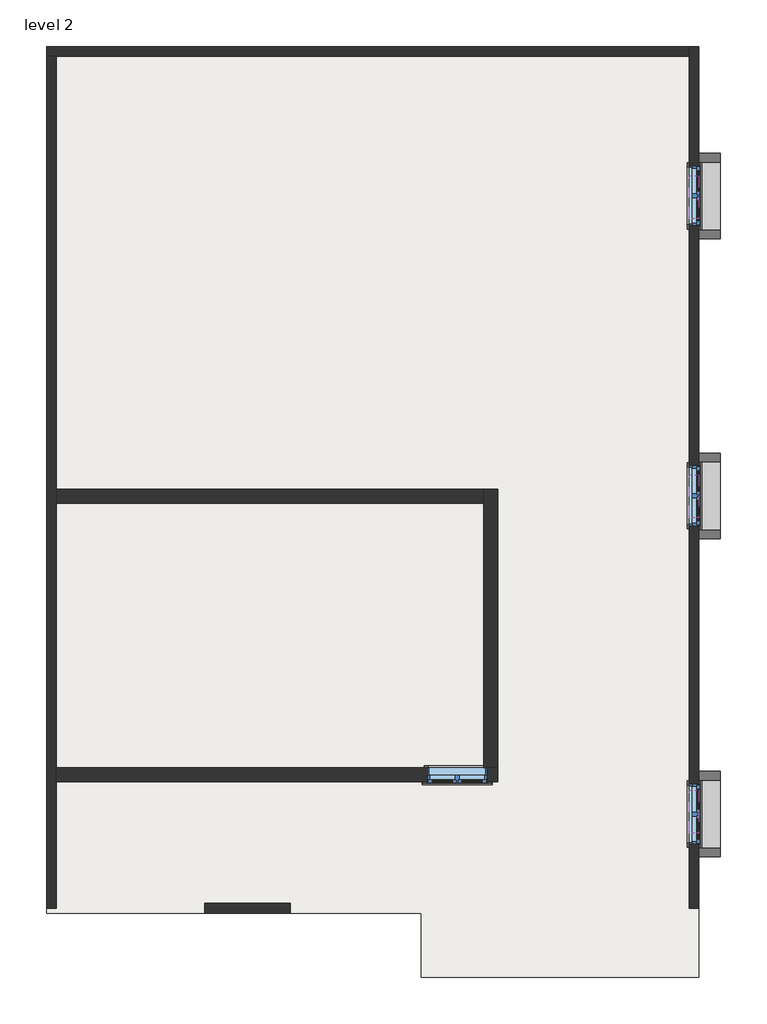
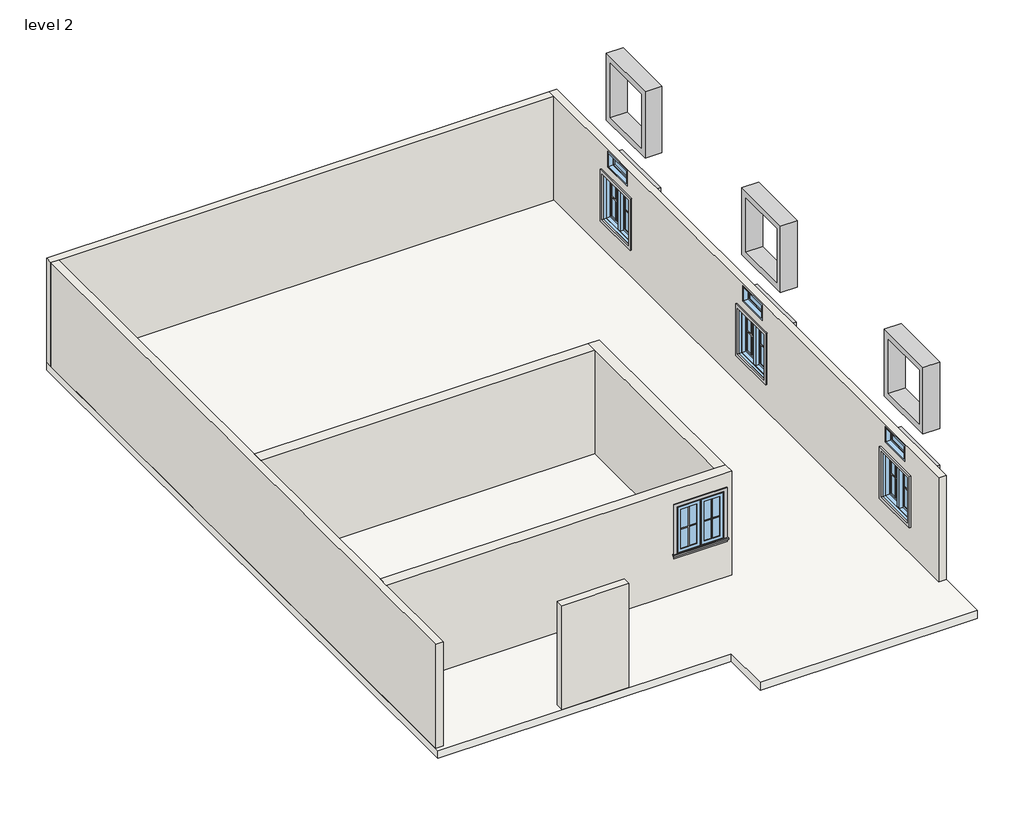
# One storey, incomplete: 16 proxies, 7 walls, 7 windows, 1 duct fitting, 1 slab.
"""IFC4 building model written with IfcOpenShell, lengths in millimetres."""

from ifc_helpers import new_model, si_unit, frame, origin, place, context, project, spatial, polyline, outline, extrude, faceted_brep, transform, mapped, element, save
from components import m_muntin_pattern_2x2_m_muntin_pattern_2x2_62480ac4, m_muntin_pattern_2x2_m_muntin_pattern_2x2_4fd78f17, m_trim_window_exterior_flat_with_sill_90d3a428, m_trim_window_interior_flat_picture_frame_6ca9b1f8, duct_fittings_2_duct_fittings_2_84becefd, m_fixed_0406_x_0610mm_8d3231a3, m_window_casement_double_850_x_900mm_0f766704, m_window_casement_double_850_x_900mm_77c4388a

model = new_model("IFC4")

# Units and contexts
model_context = context("Model", 3, world=origin())
ifc_project = project(units=[si_unit("LENGTHUNIT", "METRE", prefix="MILLI")], contexts=[model_context])

# Site, building, storey
site = spatial("IfcSite", under=ifc_project)
building = spatial("IfcBuilding", under=site)
storey = spatial("IfcBuildingStorey", under=building, Name="level 2", Elevation=5000.0)

# Proxies
placement = place(None, origin())
m_muntin_pattern_2x2_m_muntin_pattern_2x2_shape = m_muntin_pattern_2x2_m_muntin_pattern_2x2_62480ac4(model_context)
element("IfcBuildingElementProxy", 1, Name="M_Muntin Pattern_2x2 : M_Muntin Pattern_2x2", ObjectType="M_Muntin Pattern_2x2 : M_Muntin Pattern_2x2", at=placement, inside=storey, context=model_context, shape_type="MappedRepresentation", body=[
    mapped(m_muntin_pattern_2x2_m_muntin_pattern_2x2_shape, transform((-5582.3542042, -3112.6046146, 5837.792842), x_axis=(-1.0, 0.0, 0.0), y_axis=(0.0, -1.0, 0.0), z_axis=(0.0, 0.0, 1.0))),
])
element("IfcBuildingElementProxy", 2, Name="M_Muntin Pattern_2x2 : M_Muntin Pattern_2x2", ObjectType="M_Muntin Pattern_2x2 : M_Muntin Pattern_2x2", at=placement, inside=storey, context=model_context, shape_type="MappedRepresentation", body=[
    mapped(m_muntin_pattern_2x2_m_muntin_pattern_2x2_shape, transform((-2362.9917042, -3370.6171146, 5642.7567455), x_axis=(0.0, -1.0, 0.0), y_axis=(1.0, 0.0, 0.0), z_axis=(0.0, 0.0, 1.0))),
])
element("IfcBuildingElementProxy", 3, Name="M_Muntin Pattern_2x2 : M_Muntin Pattern_2x2", ObjectType="M_Muntin Pattern_2x2 : M_Muntin Pattern_2x2", at=placement, inside=storey, context=model_context, shape_type="MappedRepresentation", body=[
    mapped(m_muntin_pattern_2x2_m_muntin_pattern_2x2_shape, transform((-2362.9917042, 1160.7078854, 5642.7567455), x_axis=(0.0, -1.0, 0.0), y_axis=(1.0, 0.0, 0.0), z_axis=(0.0, 0.0, 1.0))),
])
element("IfcBuildingElementProxy", 4, Name="M_Muntin Pattern_2x2 : M_Muntin Pattern_2x2", ObjectType="M_Muntin Pattern_2x2 : M_Muntin Pattern_2x2", at=placement, inside=storey, context=model_context, shape_type="MappedRepresentation", body=[
    mapped(m_muntin_pattern_2x2_m_muntin_pattern_2x2_shape, transform((-2362.9917042, 5427.9078854, 5642.7567455), x_axis=(0.0, -1.0, 0.0), y_axis=(1.0, 0.0, 0.0), z_axis=(0.0, 0.0, 1.0))),
])
m_muntin_pattern_2x2_m_muntin_pattern_2x2_2_shape = m_muntin_pattern_2x2_m_muntin_pattern_2x2_4fd78f17(model_context)
element("IfcBuildingElementProxy", 5, Name="M_Muntin Pattern_2x2 : M_Muntin Pattern_2x2", ObjectType="M_Muntin Pattern_2x2 : M_Muntin Pattern_2x2", at=placement, inside=storey, context=model_context, shape_type="MappedRepresentation", body=[
    mapped(m_muntin_pattern_2x2_m_muntin_pattern_2x2_2_shape, transform((-6004.1792042, -3112.6046146, 5837.792842), x_axis=(1.0, 0.0, 0.0), y_axis=(0.0, 1.0, 0.0), z_axis=(0.0, 0.0, 1.0))),
])
element("IfcBuildingElementProxy", 6, Name="M_Muntin Pattern_2x2 : M_Muntin Pattern_2x2", ObjectType="M_Muntin Pattern_2x2 : M_Muntin Pattern_2x2", at=placement, inside=storey, context=model_context, shape_type="MappedRepresentation", body=[
    mapped(m_muntin_pattern_2x2_m_muntin_pattern_2x2_2_shape, transform((-2362.9917042, -3792.4421146, 5642.7567455), x_axis=(0.0, 1.0, 0.0), y_axis=(-1.0, 0.0, 0.0), z_axis=(0.0, 0.0, 1.0))),
])
element("IfcBuildingElementProxy", 7, Name="M_Muntin Pattern_2x2 : M_Muntin Pattern_2x2", ObjectType="M_Muntin Pattern_2x2 : M_Muntin Pattern_2x2", at=placement, inside=storey, context=model_context, shape_type="MappedRepresentation", body=[
    mapped(m_muntin_pattern_2x2_m_muntin_pattern_2x2_2_shape, transform((-2362.9917042, 738.8828854, 5642.7567455), x_axis=(0.0, 1.0, 0.0), y_axis=(-1.0, 0.0, 0.0), z_axis=(0.0, 0.0, 1.0))),
])
element("IfcBuildingElementProxy", 8, Name="M_Muntin Pattern_2x2 : M_Muntin Pattern_2x2", ObjectType="M_Muntin Pattern_2x2 : M_Muntin Pattern_2x2", at=placement, inside=storey, context=model_context, shape_type="MappedRepresentation", body=[
    mapped(m_muntin_pattern_2x2_m_muntin_pattern_2x2_2_shape, transform((-2362.9917042, 5006.0828854, 5642.7567455), x_axis=(0.0, 1.0, 0.0), y_axis=(-1.0, 0.0, 0.0), z_axis=(0.0, 0.0, 1.0))),
])
m_trim_window_exterior_flat_with_sill_shape = m_trim_window_exterior_flat_with_sill_90d3a428(model_context)
element("IfcBuildingElementProxy", 9, Name="M_Trim-Window-Exterior-Flat : with Sill", ObjectType="M_Trim-Window-Exterior-Flat : with Sill", at=placement, inside=storey, context=model_context, shape_type="MappedRepresentation", body=[
    mapped(m_trim_window_exterior_flat_with_sill_shape, transform((-5793.2667042, -3122.1296146, 6667.942842), x_axis=(1.0, 0.0, 0.0), y_axis=(0.0, 0.0, 1.0), z_axis=(0.0, -1.0, 0.0))),
])
element("IfcBuildingElementProxy", 10, Name="M_Trim-Window-Exterior-Flat : with Sill", ObjectType="M_Trim-Window-Exterior-Flat : with Sill", at=placement, inside=storey, context=model_context, shape_type="MappedRepresentation", body=[
    mapped(m_trim_window_exterior_flat_with_sill_shape, transform((-2353.4667042, -3581.5296146, 6472.9067455), x_axis=(0.0, 1.0, 0.0), y_axis=(0.0, 0.0, 1.0), z_axis=(1.0, 0.0, 0.0))),
])
element("IfcBuildingElementProxy", 11, Name="M_Trim-Window-Exterior-Flat : with Sill", ObjectType="M_Trim-Window-Exterior-Flat : with Sill", at=placement, inside=storey, context=model_context, shape_type="MappedRepresentation", body=[
    mapped(m_trim_window_exterior_flat_with_sill_shape, transform((-2353.4667042, 949.7953854, 6472.9067455), x_axis=(0.0, 1.0, 0.0), y_axis=(0.0, 0.0, 1.0), z_axis=(1.0, 0.0, 0.0))),
])
element("IfcBuildingElementProxy", 12, Name="M_Trim-Window-Exterior-Flat : with Sill", ObjectType="M_Trim-Window-Exterior-Flat : with Sill", at=placement, inside=storey, context=model_context, shape_type="MappedRepresentation", body=[
    mapped(m_trim_window_exterior_flat_with_sill_shape, transform((-2353.4667042, 5216.9953854, 6472.9067455), x_axis=(0.0, 1.0, 0.0), y_axis=(0.0, 0.0, 1.0), z_axis=(1.0, 0.0, 0.0))),
])
m_trim_window_interior_flat_picture_frame_shape = m_trim_window_interior_flat_picture_frame_6ca9b1f8(model_context)
element("IfcBuildingElementProxy", 13, Name="M_Trim-Window-Interior-Flat : Picture Frame", ObjectType="M_Trim-Window-Interior-Flat : Picture Frame", at=placement, inside=storey, context=model_context, shape_type="MappedRepresentation", body=[
    mapped(m_trim_window_interior_flat_picture_frame_shape, transform((-5793.2667042, -2922.1296146, 6667.942842), x_axis=(-1.0, 0.0, 0.0), y_axis=(0.0, 0.0, 1.0), z_axis=(0.0, 1.0, 0.0))),
])
element("IfcBuildingElementProxy", 14, Name="M_Trim-Window-Interior-Flat : Picture Frame", ObjectType="M_Trim-Window-Interior-Flat : Picture Frame", at=placement, inside=storey, context=model_context, shape_type="MappedRepresentation", body=[
    mapped(m_trim_window_interior_flat_picture_frame_shape, transform((-2493.4667042, -3581.5296146, 6472.9067455), x_axis=(0.0, -1.0, 0.0), y_axis=(0.0, 0.0, 1.0), z_axis=(-1.0, 0.0, 0.0))),
])
element("IfcBuildingElementProxy", 15, Name="M_Trim-Window-Interior-Flat : Picture Frame", ObjectType="M_Trim-Window-Interior-Flat : Picture Frame", at=placement, inside=storey, context=model_context, shape_type="MappedRepresentation", body=[
    mapped(m_trim_window_interior_flat_picture_frame_shape, transform((-2493.4667042, 949.7953854, 6472.9067455), x_axis=(0.0, -1.0, 0.0), y_axis=(0.0, 0.0, 1.0), z_axis=(-1.0, 0.0, 0.0))),
])
element("IfcBuildingElementProxy", 16, Name="M_Trim-Window-Interior-Flat : Picture Frame", ObjectType="M_Trim-Window-Interior-Flat : Picture Frame", at=placement, inside=storey, context=model_context, shape_type="MappedRepresentation", body=[
    mapped(m_trim_window_interior_flat_picture_frame_shape, transform((-2493.4667042, 5216.9953854, 6472.9067455), x_axis=(0.0, -1.0, 0.0), y_axis=(0.0, 0.0, 1.0), z_axis=(-1.0, 0.0, 0.0))),
])

# Duct fitting
duct_fittings_2_duct_fittings_2_shape = duct_fittings_2_duct_fittings_2_84becefd(model_context)
element("IfcDuctFitting", 17, ObjectType="Duct Fittings 2 : Duct Fittings 2", at=placement, inside=storey, context=model_context, shape_type="MappedRepresentation", body=[
    mapped(duct_fittings_2_duct_fittings_2_shape, transform((0.0, 0.0, 0.0), x_axis=(1.0, 0.0, 0.0), y_axis=(0.0, 1.0, 0.0), z_axis=(0.0, 0.0, 1.0))),
])

# Slab
element("IfcSlab", 18, ObjectType="Generic 150mm", at=placement, inside=storey, context=model_context, shape_type="SweptSolid", body=[
    extrude(outline(polyline([(-2353.4667042, 7341.0703854), (-2353.4667042, -5905.3296146), (-6306.9843842, -5905.3296146), (-6306.9843842, -4990.9296146), (-11637.4667042, -4990.9296146), (-11637.4667042, 7341.0703854), (-2353.4667042, 7341.0703854)])), frame((0.0, 0.0, 4850.0), z_axis=(0.0, 0.0, 1.0), x_axis=(1.0, 0.0, 0.0)), (0.0, 0.0, 1.0), 150.0),
])

# Walls
element("IfcWall", 19, ObjectType="Generic - 140mm Masonry", at=placement, inside=storey, context=model_context, shape_type="Brep", body=[
    faceted_brep([(-2353.4667042, -4920.9296146, 5000.0), (-2353.4667042, 7341.0703854, 5000.0), (-2353.4667042, 7341.0703854, 7000.0), (-2353.4667042, -4920.9296146, 7000.0), (-2353.4667042, -4006.5296146, 6472.9067455), (-2353.4667042, -3156.5296146, 6472.9067455), (-2353.4667042, -3156.5296146, 5572.9067455), (-2353.4667042, -4006.5296146, 5572.9067455), (-2353.4667042, 524.7953854, 6472.9067455), (-2353.4667042, 1374.7953854, 6472.9067455), (-2353.4667042, 1374.7953854, 5572.9067455), (-2353.4667042, 524.7953854, 5572.9067455), (-2353.4667042, 4791.9953854, 6472.9067455), (-2353.4667042, 5641.9953854, 6472.9067455), (-2353.4667042, 5641.9953854, 5572.9067455), (-2353.4667042, 4791.9953854, 5572.9067455), (-2353.4667042, -3244.5296146, 6674.2514163), (-2353.4667042, -3854.1296146, 6674.2514163), (-2353.4667042, -3854.1296146, 6979.0514163), (-2353.4667042, -3244.5296146, 6979.0514163), (-2353.4667042, 1244.9203854, 6663.0676988), (-2353.4667042, 635.3203854, 6663.0676988), (-2353.4667042, 635.3203854, 6967.8676988), (-2353.4667042, 1244.9203854, 6967.8676988), (-2353.4667042, 5499.2703854, 6665.4707754), (-2353.4667042, 4889.6703854, 6665.4707754), (-2353.4667042, 4889.6703854, 6970.2707754), (-2353.4667042, 5499.2703854, 6970.2707754), (-2493.4667042, -4920.9296146, 5000.0), (-2493.4667042, -4920.9296146, 7000.0), (-2493.4667042, 7201.0703854, 7000.0), (-2493.4667042, 7341.0703854, 7000.0), (-2493.4667042, 7341.0703854, 5000.0), (-2493.4667042, 7201.0703854, 5000.0), (-2493.4667042, -4006.5296146, 6472.9067455), (-2493.4667042, -4006.5296146, 5572.9067455), (-2493.4667042, -3156.5296146, 5572.9067455), (-2493.4667042, -3156.5296146, 6472.9067455), (-2493.4667042, 524.7953854, 6472.9067455), (-2493.4667042, 524.7953854, 5572.9067455), (-2493.4667042, 1374.7953854, 5572.9067455), (-2493.4667042, 1374.7953854, 6472.9067455), (-2493.4667042, 4791.9953854, 6472.9067455), (-2493.4667042, 4791.9953854, 5572.9067455), (-2493.4667042, 5641.9953854, 5572.9067455), (-2493.4667042, 5641.9953854, 6472.9067455), (-2493.4667042, -3244.5296146, 6674.2514163), (-2493.4667042, -3244.5296146, 6979.0514163), (-2493.4667042, -3854.1296146, 6979.0514163), (-2493.4667042, -3854.1296146, 6674.2514163), (-2493.4667042, 1244.9203854, 6663.0676988), (-2493.4667042, 1244.9203854, 6967.8676988), (-2493.4667042, 635.3203854, 6967.8676988), (-2493.4667042, 635.3203854, 6663.0676988), (-2493.4667042, 5499.2703854, 6665.4707754), (-2493.4667042, 5499.2703854, 6970.2707754), (-2493.4667042, 4889.6703854, 6970.2707754), (-2493.4667042, 4889.6703854, 6665.4707754)], [[[0, 1, 2, 3], [4, 5, 6, 7], [8, 9, 10, 11], [12, 13, 14, 15], [16, 17, 18, 19], [20, 21, 22, 23], [24, 25, 26, 27]], [[28, 29, 30, 31, 32, 33], [34, 35, 36, 37], [38, 39, 40, 41], [42, 43, 44, 45], [46, 47, 48, 49], [50, 51, 52, 53], [54, 55, 56, 57]], [[1, 0, 28, 33, 32]], [[3, 2, 31, 30, 29]], [[0, 3, 29, 28]], [[2, 1, 32, 31]], [[35, 34, 4, 7]], [[36, 35, 7, 6]], [[37, 36, 6, 5]], [[34, 37, 5, 4]], [[39, 38, 8, 11]], [[40, 39, 11, 10]], [[41, 40, 10, 9]], [[38, 41, 9, 8]], [[43, 42, 12, 15]], [[44, 43, 15, 14]], [[45, 44, 14, 13]], [[42, 45, 13, 12]], [[47, 46, 16, 19]], [[48, 47, 19, 18]], [[49, 48, 18, 17]], [[46, 49, 17, 16]], [[51, 50, 20, 23]], [[52, 51, 23, 22]], [[53, 52, 22, 21]], [[50, 53, 21, 20]], [[55, 54, 24, 27]], [[56, 55, 27, 26]], [[57, 56, 26, 25]], [[54, 57, 25, 24]]]),
])
element("IfcWall", 20, ObjectType="Generic - 140mm Masonry", at=placement, inside=storey, context=model_context, shape_type="Brep", body=[
    faceted_brep([(-2493.4667042, 7341.0703854, 5000.0), (-11637.4667042, 7341.0703854, 5000.0), (-11637.4667042, 7341.0703854, 7000.0), (-2493.4667042, 7341.0703854, 7000.0), (-2493.4667042, 7201.0703854, 5000.0), (-2493.4667042, 7201.0703854, 7000.0), (-11497.4667042, 7201.0703854, 7000.0), (-11637.4667042, 7201.0703854, 7000.0), (-11637.4667042, 7201.0703854, 5000.0), (-11497.4667042, 7201.0703854, 5000.0)], [[[0, 1, 2, 3]], [[4, 5, 6, 7, 8, 9]], [[1, 0, 4, 9, 8]], [[3, 2, 7, 6, 5]], [[0, 3, 5, 4]], [[2, 1, 8, 7]]]),
])
element("IfcWall", 21, ObjectType="Generic - 140mm Masonry", at=placement, inside=storey, context=model_context, shape_type="Brep", body=[
    faceted_brep([(-11637.4667042, 7201.0703854, 5000.0), (-11637.4667042, -4920.9296146, 5000.0), (-11637.4667042, -4920.9296146, 7000.0), (-11637.4667042, 7201.0703854, 7000.0), (-11497.4667042, 7201.0703854, 5000.0), (-11497.4667042, 7201.0703854, 7000.0), (-11497.4667042, 1040.2703854, 7000.0), (-11497.4667042, 840.2703854, 7000.0), (-11497.4667042, -2922.1296146, 7000.0), (-11497.4667042, -3122.1296146, 7000.0), (-11497.4667042, -4920.9296146, 7000.0), (-11497.4667042, -4920.9296146, 5000.0), (-11497.4667042, -3122.1296146, 5000.0), (-11497.4667042, -2922.1296146, 5000.0), (-11497.4667042, 840.2703854, 5000.0), (-11497.4667042, 1040.2703854, 5000.0)], [[[0, 1, 2, 3]], [[4, 5, 6, 7, 8, 9, 10, 11, 12, 13, 14, 15]], [[1, 0, 4, 15, 14, 13, 12, 11]], [[2, 1, 11, 10]], [[3, 2, 10, 9, 8, 7, 6, 5]], [[0, 3, 5, 4]]]),
])
element("IfcWall", 22, ObjectType="Generic - 140mm Masonry", at=placement, inside=storey, context=model_context, shape_type="SweptSolid", body=[
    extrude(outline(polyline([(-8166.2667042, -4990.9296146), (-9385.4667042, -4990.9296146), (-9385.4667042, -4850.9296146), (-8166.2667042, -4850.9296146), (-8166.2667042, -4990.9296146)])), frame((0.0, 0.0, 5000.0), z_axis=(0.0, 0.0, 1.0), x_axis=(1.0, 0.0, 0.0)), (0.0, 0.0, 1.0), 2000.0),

__________

Your assignment:
When the word "from" turns up on a line of the material above, copy that line.

Result:
from ifc_helpers import new_model, si_unit, frame, origin, place, context, project, spatial, polyline, outline, extrude, faceted_brep, transform, mapped, element, save
from components import m_muntin_pattern_2x2_m_muntin_pattern_2x2_62480ac4, m_muntin_pattern_2x2_m_muntin_pattern_2x2_4fd78f17, m_trim_window_exterior_flat_with_sill_90d3a428, m_trim_window_interior_flat_picture_frame_6ca9b1f8, duct_fittings_2_duct_fittings_2_84becefd, m_fixed_0406_x_0610mm_8d3231a3, m_window_casement_double_850_x_900mm_0f766704, m_window_casement_double_850_x_900mm_77c4388a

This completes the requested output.